Records for the task:
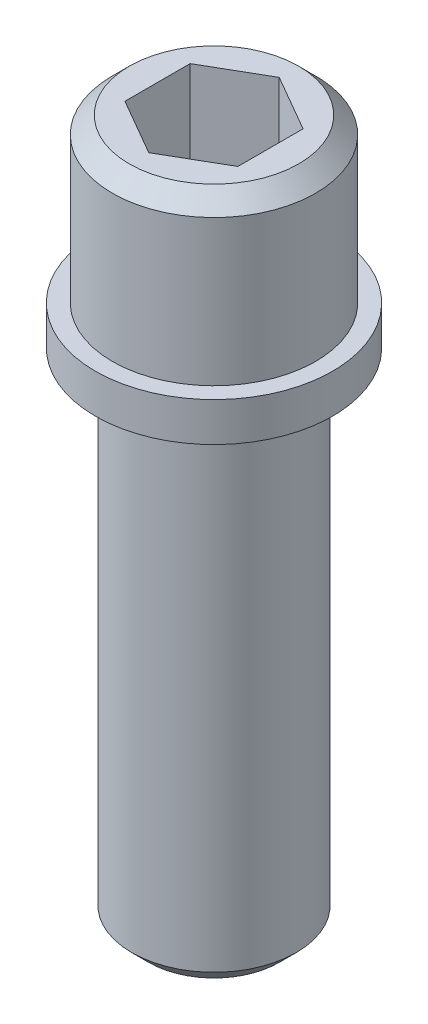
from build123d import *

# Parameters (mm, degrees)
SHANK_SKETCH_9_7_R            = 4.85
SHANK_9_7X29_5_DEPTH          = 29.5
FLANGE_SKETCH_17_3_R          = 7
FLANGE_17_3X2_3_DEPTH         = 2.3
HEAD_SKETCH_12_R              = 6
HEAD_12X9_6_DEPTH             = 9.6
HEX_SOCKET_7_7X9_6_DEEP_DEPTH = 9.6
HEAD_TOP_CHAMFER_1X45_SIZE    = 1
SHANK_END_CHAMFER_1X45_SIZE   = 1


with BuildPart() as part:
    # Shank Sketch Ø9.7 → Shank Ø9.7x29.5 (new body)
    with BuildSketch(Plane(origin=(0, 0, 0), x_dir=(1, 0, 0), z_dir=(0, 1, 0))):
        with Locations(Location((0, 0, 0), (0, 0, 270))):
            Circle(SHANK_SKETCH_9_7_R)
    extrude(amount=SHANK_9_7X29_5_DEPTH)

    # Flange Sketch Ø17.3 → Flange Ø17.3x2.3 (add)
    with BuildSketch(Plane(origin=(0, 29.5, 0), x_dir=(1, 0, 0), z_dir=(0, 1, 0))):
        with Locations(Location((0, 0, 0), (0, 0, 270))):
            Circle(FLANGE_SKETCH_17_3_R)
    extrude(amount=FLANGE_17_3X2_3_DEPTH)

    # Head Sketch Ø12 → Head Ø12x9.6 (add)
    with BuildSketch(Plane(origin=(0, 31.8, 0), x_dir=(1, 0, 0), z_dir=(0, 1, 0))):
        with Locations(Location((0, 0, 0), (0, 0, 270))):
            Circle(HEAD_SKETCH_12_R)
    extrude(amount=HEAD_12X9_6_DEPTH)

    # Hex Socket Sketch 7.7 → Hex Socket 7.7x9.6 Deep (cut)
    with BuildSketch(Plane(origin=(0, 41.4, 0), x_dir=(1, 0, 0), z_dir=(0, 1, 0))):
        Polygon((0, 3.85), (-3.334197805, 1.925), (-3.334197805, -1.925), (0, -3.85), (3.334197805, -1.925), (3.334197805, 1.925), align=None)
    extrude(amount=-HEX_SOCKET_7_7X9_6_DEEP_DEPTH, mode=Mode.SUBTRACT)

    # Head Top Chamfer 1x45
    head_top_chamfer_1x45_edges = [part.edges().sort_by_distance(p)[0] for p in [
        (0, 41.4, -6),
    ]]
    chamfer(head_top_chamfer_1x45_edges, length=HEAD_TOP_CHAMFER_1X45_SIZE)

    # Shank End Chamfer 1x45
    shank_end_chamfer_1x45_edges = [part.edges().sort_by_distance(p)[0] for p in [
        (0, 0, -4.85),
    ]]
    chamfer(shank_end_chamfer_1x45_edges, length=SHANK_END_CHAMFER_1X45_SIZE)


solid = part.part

Goal of the exercise:
Apart from its pictures, the material above should be repeated exactly.

Solution to the exercise:
from build123d import *

# Parameters (mm, degrees)
SHANK_SKETCH_9_7_R            = 4.85
SHANK_9_7X29_5_DEPTH          = 29.5
FLANGE_SKETCH_17_3_R          = 7
FLANGE_17_3X2_3_DEPTH         = 2.3
HEAD_SKETCH_12_R              = 6
HEAD_12X9_6_DEPTH             = 9.6
HEX_SOCKET_7_7X9_6_DEEP_DEPTH = 9.6
HEAD_TOP_CHAMFER_1X45_SIZE    = 1
SHANK_END_CHAMFER_1X45_SIZE   = 1


with BuildPart() as part:
    # Shank Sketch Ø9.7 → Shank Ø9.7x29.5 (new body)
    with BuildSketch(Plane(origin=(0, 0, 0), x_dir=(1, 0, 0), z_dir=(0, 1, 0))):
        with Locations(Location((0, 0, 0), (0, 0, 270))):
            Circle(SHANK_SKETCH_9_7_R)
    extrude(amount=SHANK_9_7X29_5_DEPTH)

    # Flange Sketch Ø17.3 → Flange Ø17.3x2.3 (add)
    with BuildSketch(Plane(origin=(0, 29.5, 0), x_dir=(1, 0, 0), z_dir=(0, 1, 0))):
        with Locations(Location((0, 0, 0), (0, 0, 270))):
            Circle(FLANGE_SKETCH_17_3_R)
    extrude(amount=FLANGE_17_3X2_3_DEPTH)

    # Head Sketch Ø12 → Head Ø12x9.6 (add)
    with BuildSketch(Plane(origin=(0, 31.8, 0), x_dir=(1, 0, 0), z_dir=(0, 1, 0))):
        with Locations(Location((0, 0, 0), (0, 0, 270))):
            Circle(HEAD_SKETCH_12_R)
    extrude(amount=HEAD_12X9_6_DEPTH)

    # Hex Socket Sketch 7.7 → Hex Socket 7.7x9.6 Deep (cut)
    with BuildSketch(Plane(origin=(0, 41.4, 0), x_dir=(1, 0, 0), z_dir=(0, 1, 0))):
        Polygon((0, 3.85), (-3.334197805, 1.925), (-3.334197805, -1.925), (0, -3.85), (3.334197805, -1.925), (3.334197805, 1.925), align=None)
    extrude(amount=-HEX_SOCKET_7_7X9_6_DEEP_DEPTH, mode=Mode.SUBTRACT)

    # Head Top Chamfer 1x45
    head_top_chamfer_1x45_edges = [part.edges().sort_by_distance(p)[0] for p in [
        (0, 41.4, -6),
    ]]
    chamfer(head_top_chamfer_1x45_edges, length=HEAD_TOP_CHAMFER_1X45_SIZE)

    # Shank End Chamfer 1x45
    shank_end_chamfer_1x45_edges = [part.edges().sort_by_distance(p)[0] for p in [
        (0, 0, -4.85),
    ]]
    chamfer(shank_end_chamfer_1x45_edges, length=SHANK_END_CHAMFER_1X45_SIZE)


solid = part.part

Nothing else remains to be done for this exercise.